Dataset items
****
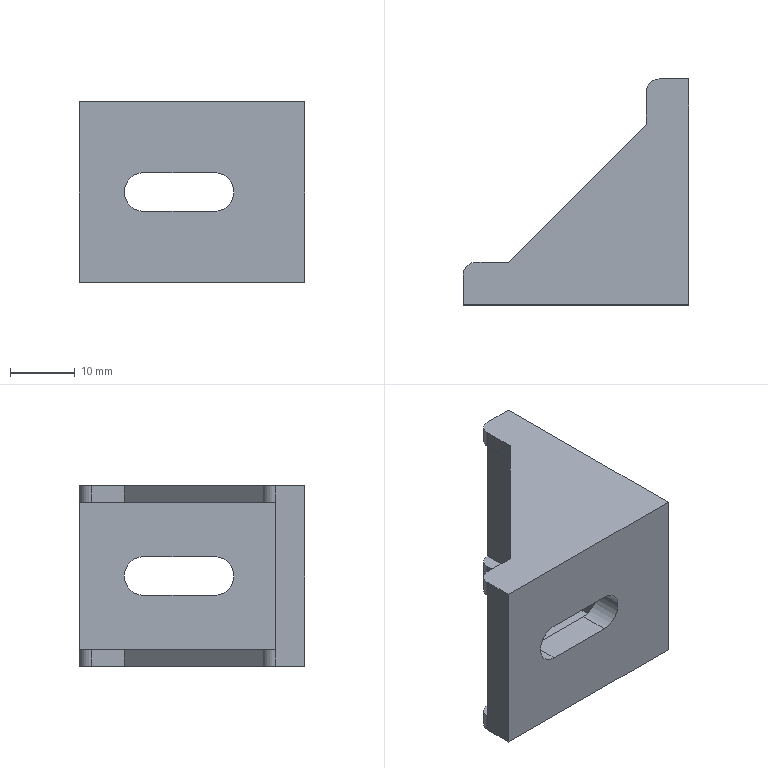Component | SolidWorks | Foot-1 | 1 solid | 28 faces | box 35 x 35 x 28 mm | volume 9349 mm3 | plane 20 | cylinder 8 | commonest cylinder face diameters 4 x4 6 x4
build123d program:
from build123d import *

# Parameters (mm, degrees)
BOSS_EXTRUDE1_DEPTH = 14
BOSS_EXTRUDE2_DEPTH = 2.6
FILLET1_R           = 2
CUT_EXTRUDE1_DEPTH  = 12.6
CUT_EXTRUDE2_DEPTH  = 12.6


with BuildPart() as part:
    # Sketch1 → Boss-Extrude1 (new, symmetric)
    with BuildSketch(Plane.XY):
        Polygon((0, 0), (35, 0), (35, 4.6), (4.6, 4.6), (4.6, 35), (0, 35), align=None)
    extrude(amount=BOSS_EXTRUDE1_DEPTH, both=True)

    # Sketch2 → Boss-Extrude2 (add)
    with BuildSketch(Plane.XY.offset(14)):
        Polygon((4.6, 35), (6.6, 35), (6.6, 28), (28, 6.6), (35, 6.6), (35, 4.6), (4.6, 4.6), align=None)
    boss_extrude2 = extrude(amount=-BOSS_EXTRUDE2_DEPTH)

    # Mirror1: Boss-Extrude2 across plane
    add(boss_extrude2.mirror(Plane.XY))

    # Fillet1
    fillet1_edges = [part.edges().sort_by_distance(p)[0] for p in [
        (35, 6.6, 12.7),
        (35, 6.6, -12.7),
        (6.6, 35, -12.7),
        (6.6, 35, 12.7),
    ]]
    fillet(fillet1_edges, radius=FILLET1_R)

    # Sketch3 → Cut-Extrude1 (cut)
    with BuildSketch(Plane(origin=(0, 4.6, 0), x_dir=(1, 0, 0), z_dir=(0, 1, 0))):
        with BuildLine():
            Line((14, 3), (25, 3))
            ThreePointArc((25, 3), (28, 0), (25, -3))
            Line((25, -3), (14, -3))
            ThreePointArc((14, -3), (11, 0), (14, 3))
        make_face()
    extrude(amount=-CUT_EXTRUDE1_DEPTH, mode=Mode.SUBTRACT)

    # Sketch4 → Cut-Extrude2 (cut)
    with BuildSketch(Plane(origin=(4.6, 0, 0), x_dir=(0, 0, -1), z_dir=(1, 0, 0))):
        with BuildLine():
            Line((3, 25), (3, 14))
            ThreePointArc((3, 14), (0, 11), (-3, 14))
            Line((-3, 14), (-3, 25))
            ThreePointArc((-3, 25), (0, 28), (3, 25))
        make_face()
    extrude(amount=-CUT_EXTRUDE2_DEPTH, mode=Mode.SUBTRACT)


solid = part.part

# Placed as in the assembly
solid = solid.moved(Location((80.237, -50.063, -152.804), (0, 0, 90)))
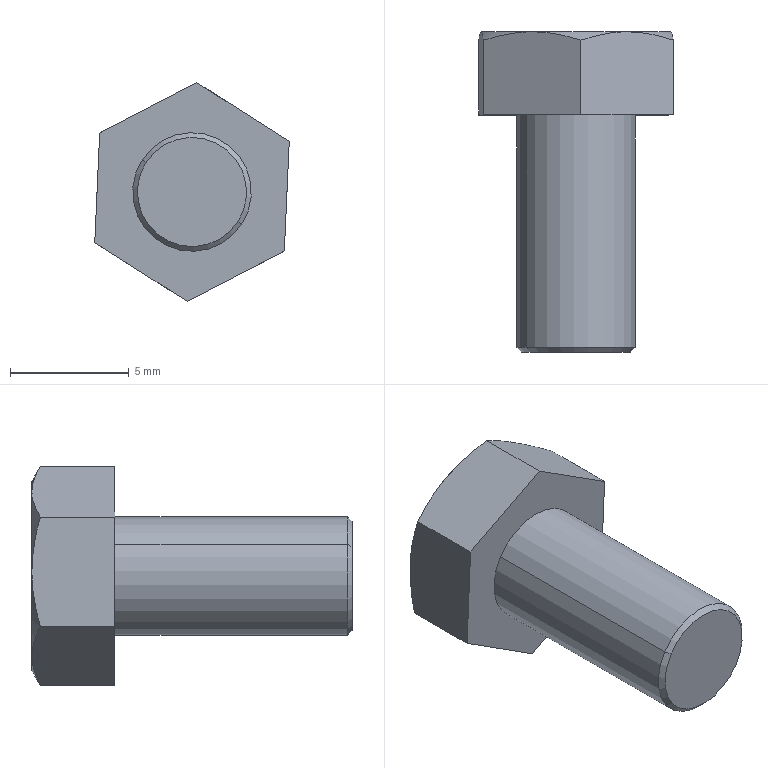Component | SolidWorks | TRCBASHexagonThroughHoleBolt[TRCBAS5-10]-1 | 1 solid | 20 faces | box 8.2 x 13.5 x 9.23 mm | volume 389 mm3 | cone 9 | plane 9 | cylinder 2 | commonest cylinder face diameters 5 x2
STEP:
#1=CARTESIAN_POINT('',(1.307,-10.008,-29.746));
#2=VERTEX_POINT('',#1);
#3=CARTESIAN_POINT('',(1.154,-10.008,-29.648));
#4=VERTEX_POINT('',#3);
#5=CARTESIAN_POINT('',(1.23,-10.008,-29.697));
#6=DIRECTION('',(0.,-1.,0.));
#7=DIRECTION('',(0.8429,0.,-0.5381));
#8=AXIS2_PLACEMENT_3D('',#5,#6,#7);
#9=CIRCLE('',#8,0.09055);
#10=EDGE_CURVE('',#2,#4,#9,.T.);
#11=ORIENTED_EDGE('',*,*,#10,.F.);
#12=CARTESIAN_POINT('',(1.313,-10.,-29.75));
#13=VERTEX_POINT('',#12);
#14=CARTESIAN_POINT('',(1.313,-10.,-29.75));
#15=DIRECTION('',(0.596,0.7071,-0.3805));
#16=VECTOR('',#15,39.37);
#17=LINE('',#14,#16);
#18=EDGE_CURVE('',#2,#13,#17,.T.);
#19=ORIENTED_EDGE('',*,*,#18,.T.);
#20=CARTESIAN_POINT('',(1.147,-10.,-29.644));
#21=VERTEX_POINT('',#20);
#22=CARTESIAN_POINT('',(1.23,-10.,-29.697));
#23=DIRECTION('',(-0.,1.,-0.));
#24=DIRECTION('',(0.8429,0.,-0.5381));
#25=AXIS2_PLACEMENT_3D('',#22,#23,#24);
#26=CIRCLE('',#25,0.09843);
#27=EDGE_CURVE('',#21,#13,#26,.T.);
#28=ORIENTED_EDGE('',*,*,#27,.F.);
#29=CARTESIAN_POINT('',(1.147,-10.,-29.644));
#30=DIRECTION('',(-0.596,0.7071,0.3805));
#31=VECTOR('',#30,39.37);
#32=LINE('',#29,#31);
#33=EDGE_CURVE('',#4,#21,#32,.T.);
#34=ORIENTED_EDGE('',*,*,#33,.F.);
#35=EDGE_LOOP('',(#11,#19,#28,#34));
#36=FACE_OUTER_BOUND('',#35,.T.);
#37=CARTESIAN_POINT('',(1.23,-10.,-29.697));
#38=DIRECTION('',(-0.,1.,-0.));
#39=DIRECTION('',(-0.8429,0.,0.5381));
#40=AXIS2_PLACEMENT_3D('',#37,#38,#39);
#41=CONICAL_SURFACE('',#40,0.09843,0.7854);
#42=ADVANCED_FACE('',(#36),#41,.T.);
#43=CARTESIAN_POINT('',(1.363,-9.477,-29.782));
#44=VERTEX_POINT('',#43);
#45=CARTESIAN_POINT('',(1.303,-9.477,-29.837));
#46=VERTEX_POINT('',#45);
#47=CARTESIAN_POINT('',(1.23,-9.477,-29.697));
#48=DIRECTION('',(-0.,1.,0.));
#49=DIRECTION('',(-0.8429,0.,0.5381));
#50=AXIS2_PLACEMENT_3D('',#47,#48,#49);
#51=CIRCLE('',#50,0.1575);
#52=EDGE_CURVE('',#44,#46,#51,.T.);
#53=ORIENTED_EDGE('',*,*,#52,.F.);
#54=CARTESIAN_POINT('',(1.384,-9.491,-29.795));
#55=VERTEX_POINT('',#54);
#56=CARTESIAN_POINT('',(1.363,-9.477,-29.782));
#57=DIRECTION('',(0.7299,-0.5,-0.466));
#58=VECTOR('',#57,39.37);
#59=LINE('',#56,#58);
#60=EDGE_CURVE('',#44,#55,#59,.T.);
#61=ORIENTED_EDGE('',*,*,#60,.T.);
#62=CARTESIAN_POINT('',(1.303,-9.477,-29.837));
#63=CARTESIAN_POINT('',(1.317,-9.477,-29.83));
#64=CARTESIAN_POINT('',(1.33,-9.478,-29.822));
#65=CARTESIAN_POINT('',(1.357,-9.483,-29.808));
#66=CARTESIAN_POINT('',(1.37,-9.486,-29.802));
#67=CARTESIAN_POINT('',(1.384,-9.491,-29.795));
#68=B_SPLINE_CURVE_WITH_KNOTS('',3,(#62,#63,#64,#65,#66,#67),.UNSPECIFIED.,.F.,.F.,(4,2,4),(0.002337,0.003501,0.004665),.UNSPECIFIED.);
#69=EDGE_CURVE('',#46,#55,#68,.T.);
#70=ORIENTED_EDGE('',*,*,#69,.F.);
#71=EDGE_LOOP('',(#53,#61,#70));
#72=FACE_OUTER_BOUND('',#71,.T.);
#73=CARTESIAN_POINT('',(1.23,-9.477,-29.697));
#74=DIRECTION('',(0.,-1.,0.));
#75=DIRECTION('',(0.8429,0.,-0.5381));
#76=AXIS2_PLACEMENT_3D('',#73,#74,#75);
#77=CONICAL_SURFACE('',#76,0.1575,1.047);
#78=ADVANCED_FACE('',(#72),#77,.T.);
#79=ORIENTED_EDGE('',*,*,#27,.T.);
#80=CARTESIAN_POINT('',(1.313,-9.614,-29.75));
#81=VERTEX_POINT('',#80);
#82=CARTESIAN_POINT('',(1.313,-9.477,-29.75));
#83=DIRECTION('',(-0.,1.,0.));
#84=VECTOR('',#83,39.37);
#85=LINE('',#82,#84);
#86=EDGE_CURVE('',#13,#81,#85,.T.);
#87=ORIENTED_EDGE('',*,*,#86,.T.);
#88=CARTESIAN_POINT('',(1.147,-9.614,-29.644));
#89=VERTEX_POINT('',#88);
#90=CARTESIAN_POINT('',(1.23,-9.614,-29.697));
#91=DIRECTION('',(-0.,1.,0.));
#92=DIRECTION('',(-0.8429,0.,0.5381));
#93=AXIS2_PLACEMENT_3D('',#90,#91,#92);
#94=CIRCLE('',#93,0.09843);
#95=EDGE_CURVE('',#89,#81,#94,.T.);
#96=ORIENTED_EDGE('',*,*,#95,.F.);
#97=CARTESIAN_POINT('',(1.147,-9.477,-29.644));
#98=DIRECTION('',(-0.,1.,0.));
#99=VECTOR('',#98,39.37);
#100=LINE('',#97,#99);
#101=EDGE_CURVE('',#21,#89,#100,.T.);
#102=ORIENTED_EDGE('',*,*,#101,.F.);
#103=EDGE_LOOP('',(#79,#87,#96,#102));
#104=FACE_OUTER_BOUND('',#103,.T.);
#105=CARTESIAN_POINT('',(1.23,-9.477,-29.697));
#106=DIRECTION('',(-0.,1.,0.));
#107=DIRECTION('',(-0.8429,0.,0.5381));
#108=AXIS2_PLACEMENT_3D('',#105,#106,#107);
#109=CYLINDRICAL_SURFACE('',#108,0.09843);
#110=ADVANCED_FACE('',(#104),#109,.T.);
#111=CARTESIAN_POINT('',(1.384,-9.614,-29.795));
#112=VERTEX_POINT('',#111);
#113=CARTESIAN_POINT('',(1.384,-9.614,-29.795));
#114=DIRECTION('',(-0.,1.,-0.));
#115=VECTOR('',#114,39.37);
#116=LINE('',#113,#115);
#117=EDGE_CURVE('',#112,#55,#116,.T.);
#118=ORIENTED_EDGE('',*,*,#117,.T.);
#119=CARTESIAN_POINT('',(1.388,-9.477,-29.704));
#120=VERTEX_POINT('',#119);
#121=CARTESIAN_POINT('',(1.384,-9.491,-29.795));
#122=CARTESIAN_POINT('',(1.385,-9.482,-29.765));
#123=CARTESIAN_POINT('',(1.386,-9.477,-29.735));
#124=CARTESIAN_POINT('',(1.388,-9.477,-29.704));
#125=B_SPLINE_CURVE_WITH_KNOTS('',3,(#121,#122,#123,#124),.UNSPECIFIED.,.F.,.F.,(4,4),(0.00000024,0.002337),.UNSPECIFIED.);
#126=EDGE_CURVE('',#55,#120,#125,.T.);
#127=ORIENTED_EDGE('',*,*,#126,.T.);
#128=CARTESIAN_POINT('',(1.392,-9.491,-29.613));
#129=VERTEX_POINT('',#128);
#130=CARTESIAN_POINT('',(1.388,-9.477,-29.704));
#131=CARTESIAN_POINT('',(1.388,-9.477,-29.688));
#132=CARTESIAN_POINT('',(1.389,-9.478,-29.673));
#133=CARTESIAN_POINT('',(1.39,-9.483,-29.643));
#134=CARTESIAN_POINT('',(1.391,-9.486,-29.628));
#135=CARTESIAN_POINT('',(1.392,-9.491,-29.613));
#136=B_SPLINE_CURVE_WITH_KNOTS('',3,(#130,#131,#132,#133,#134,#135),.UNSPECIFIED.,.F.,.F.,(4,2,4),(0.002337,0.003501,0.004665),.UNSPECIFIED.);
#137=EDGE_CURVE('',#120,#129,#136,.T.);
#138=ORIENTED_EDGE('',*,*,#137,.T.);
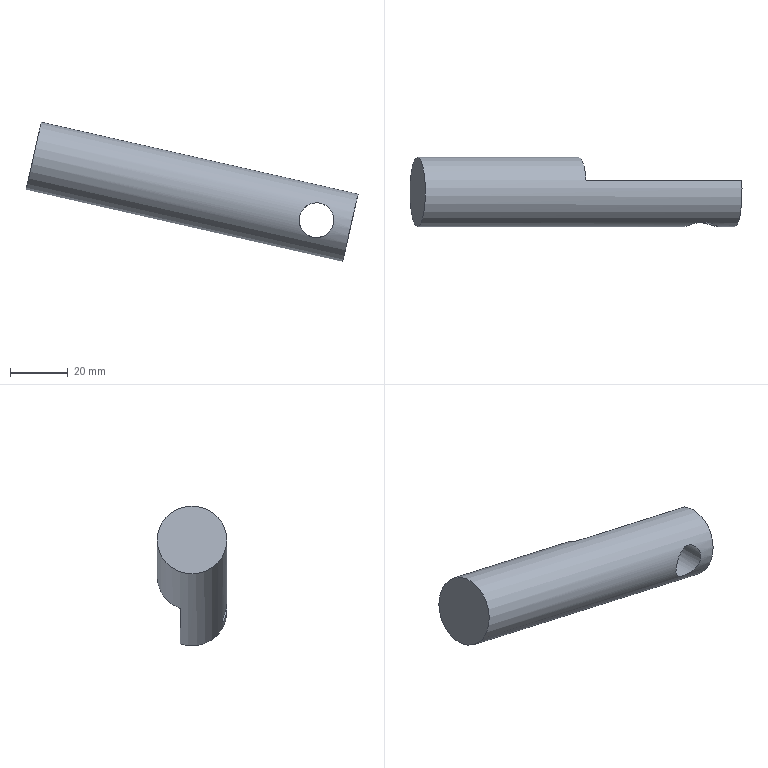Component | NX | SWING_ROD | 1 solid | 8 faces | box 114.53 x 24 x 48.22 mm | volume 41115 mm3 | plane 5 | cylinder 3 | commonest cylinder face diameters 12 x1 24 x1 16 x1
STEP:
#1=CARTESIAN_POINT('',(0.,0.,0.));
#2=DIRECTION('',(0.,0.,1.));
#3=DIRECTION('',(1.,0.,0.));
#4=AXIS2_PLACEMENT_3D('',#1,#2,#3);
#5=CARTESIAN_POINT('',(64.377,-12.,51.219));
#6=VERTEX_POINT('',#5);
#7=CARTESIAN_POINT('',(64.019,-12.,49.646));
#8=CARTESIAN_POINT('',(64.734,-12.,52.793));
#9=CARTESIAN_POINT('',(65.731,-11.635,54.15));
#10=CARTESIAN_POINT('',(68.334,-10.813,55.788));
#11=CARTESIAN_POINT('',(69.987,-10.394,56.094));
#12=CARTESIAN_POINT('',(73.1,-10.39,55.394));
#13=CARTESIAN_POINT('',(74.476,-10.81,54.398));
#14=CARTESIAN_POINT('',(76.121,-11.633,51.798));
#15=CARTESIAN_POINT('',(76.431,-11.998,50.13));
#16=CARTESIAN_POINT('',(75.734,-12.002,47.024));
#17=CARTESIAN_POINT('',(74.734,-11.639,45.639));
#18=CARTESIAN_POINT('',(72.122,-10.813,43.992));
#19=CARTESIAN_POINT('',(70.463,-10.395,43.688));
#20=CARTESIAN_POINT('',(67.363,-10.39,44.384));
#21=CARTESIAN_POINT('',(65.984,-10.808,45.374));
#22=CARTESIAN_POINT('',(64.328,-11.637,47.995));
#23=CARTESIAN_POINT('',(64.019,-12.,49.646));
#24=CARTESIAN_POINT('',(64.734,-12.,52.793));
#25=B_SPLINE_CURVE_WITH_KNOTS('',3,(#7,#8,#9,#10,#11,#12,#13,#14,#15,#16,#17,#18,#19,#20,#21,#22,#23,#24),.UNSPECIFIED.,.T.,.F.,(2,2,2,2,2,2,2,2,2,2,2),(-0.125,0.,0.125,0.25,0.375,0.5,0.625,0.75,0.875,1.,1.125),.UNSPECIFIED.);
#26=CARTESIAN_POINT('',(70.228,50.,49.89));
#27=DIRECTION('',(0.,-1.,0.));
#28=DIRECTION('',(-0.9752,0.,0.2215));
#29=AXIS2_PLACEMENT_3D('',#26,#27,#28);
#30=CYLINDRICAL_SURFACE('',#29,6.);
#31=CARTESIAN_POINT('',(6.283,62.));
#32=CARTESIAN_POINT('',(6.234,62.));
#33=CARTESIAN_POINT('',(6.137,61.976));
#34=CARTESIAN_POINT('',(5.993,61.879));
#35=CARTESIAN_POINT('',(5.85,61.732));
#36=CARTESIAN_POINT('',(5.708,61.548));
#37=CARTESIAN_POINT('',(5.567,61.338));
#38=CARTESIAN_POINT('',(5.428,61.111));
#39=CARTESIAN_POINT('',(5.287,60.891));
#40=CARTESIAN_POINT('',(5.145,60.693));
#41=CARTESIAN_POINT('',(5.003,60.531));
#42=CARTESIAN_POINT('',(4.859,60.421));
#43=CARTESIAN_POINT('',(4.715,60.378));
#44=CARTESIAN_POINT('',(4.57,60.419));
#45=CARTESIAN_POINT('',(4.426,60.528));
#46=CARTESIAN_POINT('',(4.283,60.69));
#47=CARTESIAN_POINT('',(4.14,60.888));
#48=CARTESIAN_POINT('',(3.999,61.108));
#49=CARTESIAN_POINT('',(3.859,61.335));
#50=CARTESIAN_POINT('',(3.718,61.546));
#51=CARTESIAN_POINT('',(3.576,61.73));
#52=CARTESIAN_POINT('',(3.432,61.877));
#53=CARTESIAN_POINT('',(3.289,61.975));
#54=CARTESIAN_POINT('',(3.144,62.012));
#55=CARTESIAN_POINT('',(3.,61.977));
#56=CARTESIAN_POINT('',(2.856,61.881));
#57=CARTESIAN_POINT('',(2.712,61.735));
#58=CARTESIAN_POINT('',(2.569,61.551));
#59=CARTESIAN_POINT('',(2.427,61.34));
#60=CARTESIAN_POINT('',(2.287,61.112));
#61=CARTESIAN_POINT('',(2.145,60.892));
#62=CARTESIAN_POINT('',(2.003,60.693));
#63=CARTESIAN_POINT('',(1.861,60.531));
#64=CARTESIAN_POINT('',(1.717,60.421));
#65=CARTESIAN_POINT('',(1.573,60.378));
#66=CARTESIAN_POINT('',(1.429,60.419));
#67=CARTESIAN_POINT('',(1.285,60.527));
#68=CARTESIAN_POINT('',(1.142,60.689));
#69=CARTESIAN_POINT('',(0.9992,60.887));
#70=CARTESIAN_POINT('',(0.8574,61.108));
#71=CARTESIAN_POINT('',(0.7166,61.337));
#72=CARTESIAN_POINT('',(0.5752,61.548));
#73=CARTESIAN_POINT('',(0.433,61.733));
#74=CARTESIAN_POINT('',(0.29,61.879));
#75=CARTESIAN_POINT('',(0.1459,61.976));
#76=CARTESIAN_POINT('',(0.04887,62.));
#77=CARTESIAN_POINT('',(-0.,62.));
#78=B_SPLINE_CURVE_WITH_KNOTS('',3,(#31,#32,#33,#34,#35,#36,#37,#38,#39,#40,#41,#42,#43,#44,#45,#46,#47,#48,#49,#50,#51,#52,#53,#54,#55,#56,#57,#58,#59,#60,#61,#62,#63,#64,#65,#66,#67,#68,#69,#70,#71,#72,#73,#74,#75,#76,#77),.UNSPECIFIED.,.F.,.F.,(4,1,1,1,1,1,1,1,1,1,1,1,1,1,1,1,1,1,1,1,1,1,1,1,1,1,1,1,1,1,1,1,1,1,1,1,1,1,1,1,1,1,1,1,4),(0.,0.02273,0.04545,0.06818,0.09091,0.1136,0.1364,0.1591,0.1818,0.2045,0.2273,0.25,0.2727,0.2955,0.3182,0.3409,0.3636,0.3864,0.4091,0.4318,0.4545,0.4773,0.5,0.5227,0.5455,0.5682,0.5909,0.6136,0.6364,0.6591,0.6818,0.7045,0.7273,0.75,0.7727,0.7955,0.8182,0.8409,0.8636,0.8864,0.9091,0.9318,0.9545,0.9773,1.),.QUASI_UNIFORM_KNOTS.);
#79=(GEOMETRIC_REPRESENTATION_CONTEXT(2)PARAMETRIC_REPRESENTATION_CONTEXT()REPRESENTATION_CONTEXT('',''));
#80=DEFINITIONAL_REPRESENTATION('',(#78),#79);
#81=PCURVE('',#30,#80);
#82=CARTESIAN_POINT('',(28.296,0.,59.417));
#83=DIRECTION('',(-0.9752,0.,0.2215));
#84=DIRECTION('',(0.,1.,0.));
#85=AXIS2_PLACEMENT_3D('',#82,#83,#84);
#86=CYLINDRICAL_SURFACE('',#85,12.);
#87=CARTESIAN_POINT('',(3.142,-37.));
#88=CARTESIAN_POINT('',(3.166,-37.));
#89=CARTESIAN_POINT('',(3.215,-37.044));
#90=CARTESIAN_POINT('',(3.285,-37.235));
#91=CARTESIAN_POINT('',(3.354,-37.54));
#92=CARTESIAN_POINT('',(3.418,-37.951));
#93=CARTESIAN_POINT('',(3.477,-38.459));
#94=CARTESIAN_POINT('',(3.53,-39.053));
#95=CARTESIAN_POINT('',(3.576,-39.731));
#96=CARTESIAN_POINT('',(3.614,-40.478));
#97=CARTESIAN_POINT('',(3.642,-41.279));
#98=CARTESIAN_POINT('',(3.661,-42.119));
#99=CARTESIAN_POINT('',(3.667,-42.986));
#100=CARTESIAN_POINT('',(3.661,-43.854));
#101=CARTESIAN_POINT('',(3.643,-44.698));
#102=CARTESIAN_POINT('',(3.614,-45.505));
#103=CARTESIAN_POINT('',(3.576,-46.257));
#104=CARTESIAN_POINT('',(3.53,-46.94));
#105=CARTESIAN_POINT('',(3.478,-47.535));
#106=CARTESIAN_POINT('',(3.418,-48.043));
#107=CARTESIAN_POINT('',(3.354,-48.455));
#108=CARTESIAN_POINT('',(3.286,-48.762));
****
WHAT IS REQUIRED:
If a line in the data holds the string "Polygon", copy that line.

TASK RESULT:
        Polygon((0, 0), (35, 0), (35, 4.6), (4.6, 4.6), (4.6, 35), (0, 35), align=None)
        Polygon((4.6, 35), (6.6, 35), (6.6, 28), (28, 6.6), (35, 6.6), (35, 4.6), (4.6, 4.6), align=None)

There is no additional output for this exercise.